Report, from the records below, every line where the word "SHEAR" appears.
---------- DATA FOR THIS TASK ----------
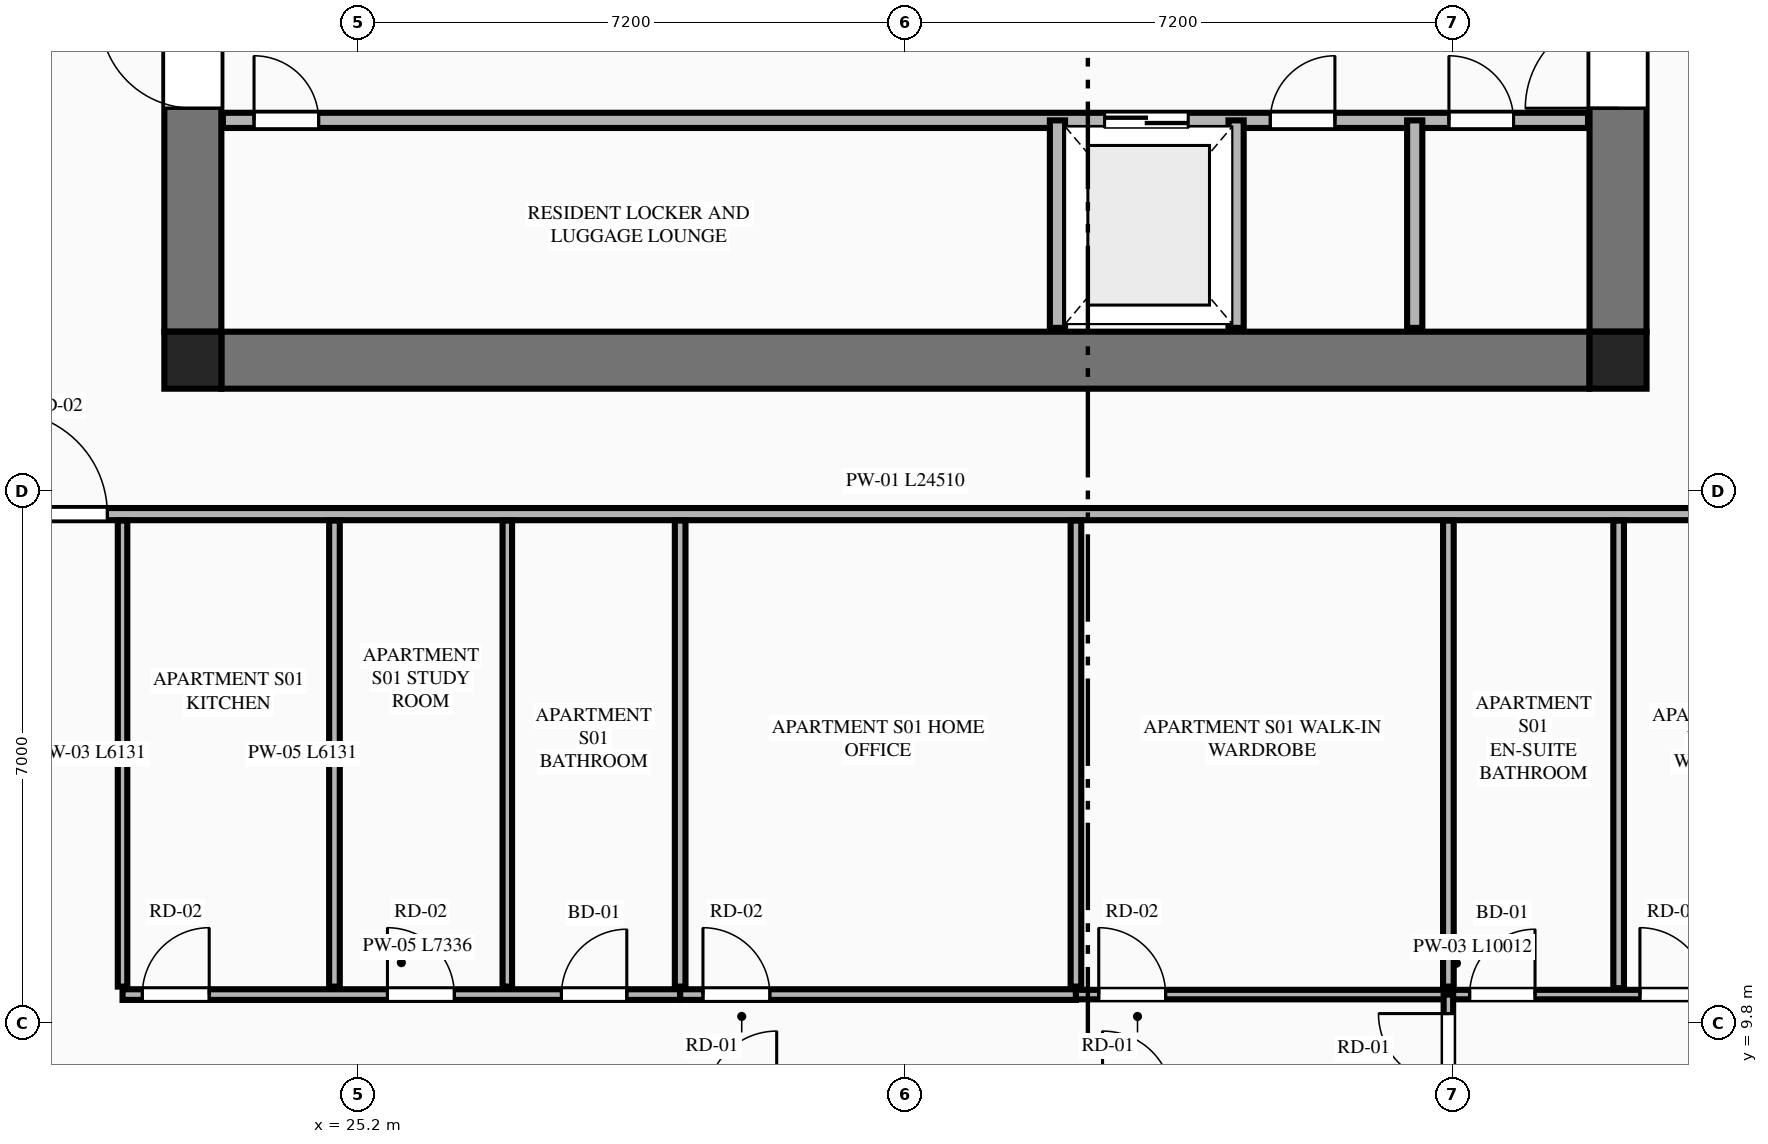
"""IFC4 building model, lengths in metres.
Left out: names, types, materials, properties, quantities, classifications, styles, units other than length and angle.
Written with IfcOpenShell. Run it as: python <this file> out.ifc"""

import sys

from ifc_helpers import new_model, si_unit, direction, frame, frame_2d, origin, origin_2d, place, context, subcontext, project, spatial, rectangle, extrude, element, fill, save


model = new_model("IFC4")
c1 = context("Model", 3, precision=1e-05, world=origin(), true_north=direction((0.0, 1.0)))
c2 = subcontext(c1, "Body", "Model", "MODEL_VIEW")
j1 = project(units=[si_unit("LENGTHUNIT", "METRE"), si_unit("PLANEANGLEUNIT", "RADIAN")], contexts=[c1])
p1 = place(None, origin())
s1 = spatial("IfcSite", under=j1, at=p1, CompositionType="ELEMENT")
p2 = place(p1, origin())
s2 = spatial("IfcBuilding", under=s1, at=p2, CompositionType="ELEMENT")
p3 = place(p2, frame((0.0, 0.0, 123.25)))
s3 = spatial("IfcBuildingStorey", under=s2, at=p3, CompositionType="ELEMENT", Elevation=123.25)
for number, where, z_axis, x_axis in (
    (1, (23.025, 18.525, 0.0), (0.0, 0.0, 1.0), (1.0, 0.0, 0.0)),
    (2, (41.775, 18.525, 0.0), (0.0, 0.0, 1.0), (1.0, 0.0, 0.0)),
):
    element("IfcColumn", number, at=place(p3, frame(where, z_axis=z_axis, x_axis=x_axis)), inside=s3, PredefinedType="COLUMN", context=c2, shape_type="SweptSolid", body=[
        extrude(rectangle(XDim=0.75, YDim=0.75, at=origin_2d()), origin(), (0.0, 0.0, 1.0), 3.55),
    ])
p4 = place(p3, frame((23.4, 18.525, 0.0), z_axis=(0.0, 0.0, 1.0), x_axis=(1.0, 0.0, 0.0)))
e3 = element("IfcWall", 3, at=p4, inside=s3, PredefinedType="SHEAR", context=c2, shape_type="SweptSolid", body=[
    extrude(rectangle(XDim=18.0, YDim=0.75, at=frame_2d((9.0, 0.0))), origin(), (0.0, 0.0, 1.0), 3.34),
])
p5 = place(p3, frame((23.025, 18.9, 0.0), z_axis=(0.0, 0.0, 1.0), x_axis=(0.0, 1.0, 0.0)))
e4 = element("IfcWall", 4, at=p5, inside=s3, PredefinedType="SHEAR", context=c2, shape_type="SweptSolid", body=[
    extrude(rectangle(XDim=14.0, YDim=0.75, at=frame_2d((7.0, 0.0))), origin(), (0.0, 0.0, 1.0), 3.34),
])
p6 = place(p5, frame((2.94, 0.0, 0.0)))
e5 = element("IfcOpeningElement", 5, at=p6, cuts=e4, PredefinedType="OPENING", context=c2, shape_type="SweptSolid", body=[
    extrude(rectangle(XDim=1.22, YDim=2.25, at=frame_2d((0.61, 1.125))), frame((0.0, 0.385, 0.0), z_axis=(0.0, -1.0, 0.0), x_axis=(1.0, 0.0, 0.0)), (0.0, 0.0, 1.0), 0.77),
])
p7 = place(p3, frame((41.775, 18.9, 0.0), z_axis=(0.0, 0.0, 1.0), x_axis=(0.0, 1.0, 0.0)))
e6 = element("IfcWall", 6, at=p7, inside=s3, PredefinedType="SHEAR", context=c2, shape_type="SweptSolid", body=[
    extrude(rectangle(XDim=14.0, YDim=0.75, at=frame_2d((7.0, 0.0))), origin(), (0.0, 0.0, 1.0), 3.34),
])
p8 = place(p7, frame((2.94, 0.0, 0.0)))
e7 = element("IfcOpeningElement", 7, at=p8, cuts=e6, PredefinedType="OPENING", context=c2, shape_type="SweptSolid", body=[
    extrude(rectangle(XDim=1.22, YDim=2.25, at=frame_2d((0.61, 1.125))), frame((0.0, 0.385, 0.0), z_axis=(0.0, -1.0, 0.0), x_axis=(1.0, 0.0, 0.0)), (0.0, 0.0, 1.0), 0.77),
])
p9 = place(p3, frame((23.42, 21.68, 0.0), z_axis=(0.0, 0.0, 1.0), x_axis=(1.0, 0.0, 0.0)))
e8 = element("IfcWall", 8, at=p9, inside=s3, PredefinedType="PLUMBINGWALL", context=c2, shape_type="SweptSolid", body=[
    extrude(rectangle(XDim=17.96, YDim=0.2, at=frame_2d((8.98, 0.0))), origin(), (0.0, 0.0, 1.0), 3.34),
])
p10 = place(p9, frame((11.6, 0.0, 0.0)))
e9 = element("IfcOpeningElement", 9, at=p10, cuts=e8, PredefinedType="OPENING", context=c2, shape_type="SweptSolid", body=[
    extrude(rectangle(XDim=1.1, YDim=2.2, at=frame_2d((0.55, 1.1))), frame((0.0, 0.11, 0.0), z_axis=(0.0, -1.0, 0.0), x_axis=(1.0, 0.0, 0.0)), (0.0, 0.0, 1.0), 0.22),
])
p11 = place(p9, frame((0.41, 0.0, 0.0)))
e10 = element("IfcOpeningElement", 10, at=p11, cuts=e8, PredefinedType="OPENING", context=c2, shape_type="SweptSolid", body=[
    extrude(rectangle(XDim=0.85, YDim=2.05, at=frame_2d((0.425, 1.025))), frame((0.0, 0.11, 0.0), z_axis=(0.0, -1.0, 0.0), x_axis=(1.0, 0.0, 0.0)), (0.0, 0.0, 1.0), 0.22),
])
p12 = place(p9, frame((13.78, 0.0, 0.0)))
e11 = element("IfcOpeningElement", 11, at=p12, cuts=e8, PredefinedType="OPENING", context=c2, shape_type="SweptSolid", body=[
    extrude(rectangle(XDim=0.85, YDim=2.05, at=frame_2d((0.425, 1.025))), frame((0.0, 0.11, 0.0), z_axis=(0.0, -1.0, 0.0), x_axis=(1.0, 0.0, 0.0)), (0.0, 0.0, 1.0), 0.22),
])
p13 = place(p9, frame((16.13, 0.0, 0.0)))
e12 = element("IfcOpeningElement", 12, at=p13, cuts=e8, PredefinedType="OPENING", context=c2, shape_type="SweptSolid", body=[
    extrude(rectangle(XDim=0.85, YDim=2.05, at=frame_2d((0.425, 1.025))), frame((0.0, 0.11, 0.0), z_axis=(0.0, -1.0, 0.0), x_axis=(1.0, 0.0, 0.0)), (0.0, 0.0, 1.0), 0.22),
])
for number, where, z_axis, x_axis in (
    (13, (34.4, 18.95, 0.0), (0.0, 0.0, 1.0), (0.0, 1.0, 0.0)),
    (14, (36.75, 18.95, 0.0), (0.0, 0.0, 1.0), (0.0, 1.0, 0.0)),
    (15, (39.1, 18.95, 0.0), (0.0, 0.0, 1.0), (0.0, 1.0, 0.0)),
):
    element("IfcWall", number, at=place(p3, frame(where, z_axis=z_axis, x_axis=x_axis)), inside=s3, PredefinedType="PLUMBINGWALL", context=c2, shape_type="SweptSolid", body=[
        extrude(rectangle(XDim=2.73, YDim=0.2, at=frame_2d((1.365, 0.0))), origin(), (0.0, 0.0, 1.0), 3.34),
    ])
p14 = place(p3, frame((20.145, 16.5, 0.0), z_axis=(0.0, 0.0, 1.0), x_axis=(1.0, 0.0, 0.0)))
e16 = element("IfcWall", 16, at=p14, inside=s3, PredefinedType="PARTITIONING", context=c2, shape_type="SweptSolid", body=[
    extrude(rectangle(XDim=24.51, YDim=0.16, at=frame_2d((12.255, 0.0))), origin(), (0.0, 0.0, 1.0), 3.34),
])
p15 = place(p14, frame((0.405, 0.0, 0.0)))
e17 = element("IfcOpeningElement", 17, at=p15, cuts=e16, PredefinedType="OPENING", context=c2, shape_type="SweptSolid", body=[
    extrude(rectangle(XDim=1.35, YDim=2.35, at=frame_2d((0.675, 1.175))), frame((0.0, 0.09, 0.0), z_axis=(0.0, -1.0, 0.0), x_axis=(1.0, 0.0, 0.0)), (0.0, 0.0, 1.0), 0.18),
])
p16 = place(p3, frame((22.1, 10.284, 0.0), z_axis=(0.0, 0.0, 1.0), x_axis=(0.0, 1.0, 0.0)))
e18 = element("IfcWall", 18, at=p16, inside=s3, PredefinedType="PARTITIONING", context=c2, shape_type="SweptSolid", body=[
    extrude(rectangle(XDim=6.131, YDim=0.125, at=frame_2d((3.065, 0.0))), origin(), (0.0, 0.0, 1.0), 2.722),
])
p17 = place(p3, frame((22.1, 10.179, 0.0), z_axis=(0.0, 0.0, 1.0), x_axis=(1.0, 0.0, 0.0)))
e19 = element("IfcWall", 19, at=p17, inside=s3, PredefinedType="PLUMBINGWALL", context=c2, shape_type="SweptSolid", body=[
    extrude(rectangle(XDim=7.336, YDim=0.14, at=frame_2d((3.668, 0.0))), origin(), (0.0, 0.0, 1.0), 3.34),
])
p18 = place(p17, frame((5.774, 0.0, 0.0)))
e20 = element("IfcOpeningElement", 20, at=p18, cuts=e19, PredefinedType="OPENING", context=c2, shape_type="SweptSolid", body=[
    extrude(rectangle(XDim=0.86, YDim=2.1, at=frame_2d((0.43, 1.05))), frame((0.0, 0.08, 0.0), z_axis=(0.0, -1.0, 0.0), x_axis=(1.0, 0.0, 0.0)), (0.0, 0.0, 1.0), 0.16),
])
p19 = place(p17, frame((0.26, 0.0, 0.0)))
e21 = element("IfcOpeningElement", 21, at=p19, cuts=e19, PredefinedType="OPENING", context=c2, shape_type="SweptSolid", body=[
    extrude(rectangle(XDim=0.88, YDim=2.15, at=frame_2d((0.44, 1.075))), frame((0.0, 0.08, 0.0), z_axis=(0.0, -1.0, 0.0), x_axis=(1.0, 0.0, 0.0)), (0.0, 0.0, 1.0), 0.16),
])
p20 = place(p17, frame((3.485, 0.0, 0.0)))
e22 = element("IfcOpeningElement", 22, at=p20, cuts=e19, PredefinedType="OPENING", context=c2, shape_type="SweptSolid", body=[
    extrude(rectangle(XDim=0.88, YDim=2.15, at=frame_2d((0.44, 1.075))), frame((0.0, 0.08, 0.0), z_axis=(0.0, -1.0, 0.0), x_axis=(1.0, 0.0, 0.0)), (0.0, 0.0, 1.0), 0.16),
])
p21 = place(p3, frame((29.436, 10.179, 0.0), z_axis=(0.0, 0.0, 1.0), x_axis=(1.0, 0.0, 0.0)))
e23 = element("IfcWall", 23, at=p21, inside=s3, PredefinedType="PLUMBINGWALL", context=c2, shape_type="SweptSolid", body=[
    extrude(rectangle(XDim=5.207, YDim=0.14, at=frame_2d((2.604, 0.0))), origin(), (0.0, 0.0, 1.0), 3.34),
])
p22 = place(p21, frame((0.3, 0.0, 0.0)))
e24 = element("IfcOpeningElement", 24, at=p22, cuts=e23, PredefinedType="OPENING", context=c2, shape_type="SweptSolid", body=[
    extrude(rectangle(XDim=0.88, YDim=2.15, at=frame_2d((0.44, 1.075))), frame((0.0, 0.08, 0.0), z_axis=(0.0, -1.0, 0.0), x_axis=(1.0, 0.0, 0.0)), (0.0, 0.0, 1.0), 0.16),
])
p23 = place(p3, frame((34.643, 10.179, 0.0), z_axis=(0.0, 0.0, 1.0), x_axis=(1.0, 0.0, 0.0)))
----------
TASK ANSWER
e3 = element("IfcWall", 3, at=p4, inside=s3, PredefinedType="SHEAR", context=c2, shape_type="SweptSolid", body=[
e4 = element("IfcWall", 4, at=p5, inside=s3, PredefinedType="SHEAR", context=c2, shape_type="SweptSolid", body=[
e6 = element("IfcWall", 6, at=p7, inside=s3, PredefinedType="SHEAR", context=c2, shape_type="SweptSolid", body=[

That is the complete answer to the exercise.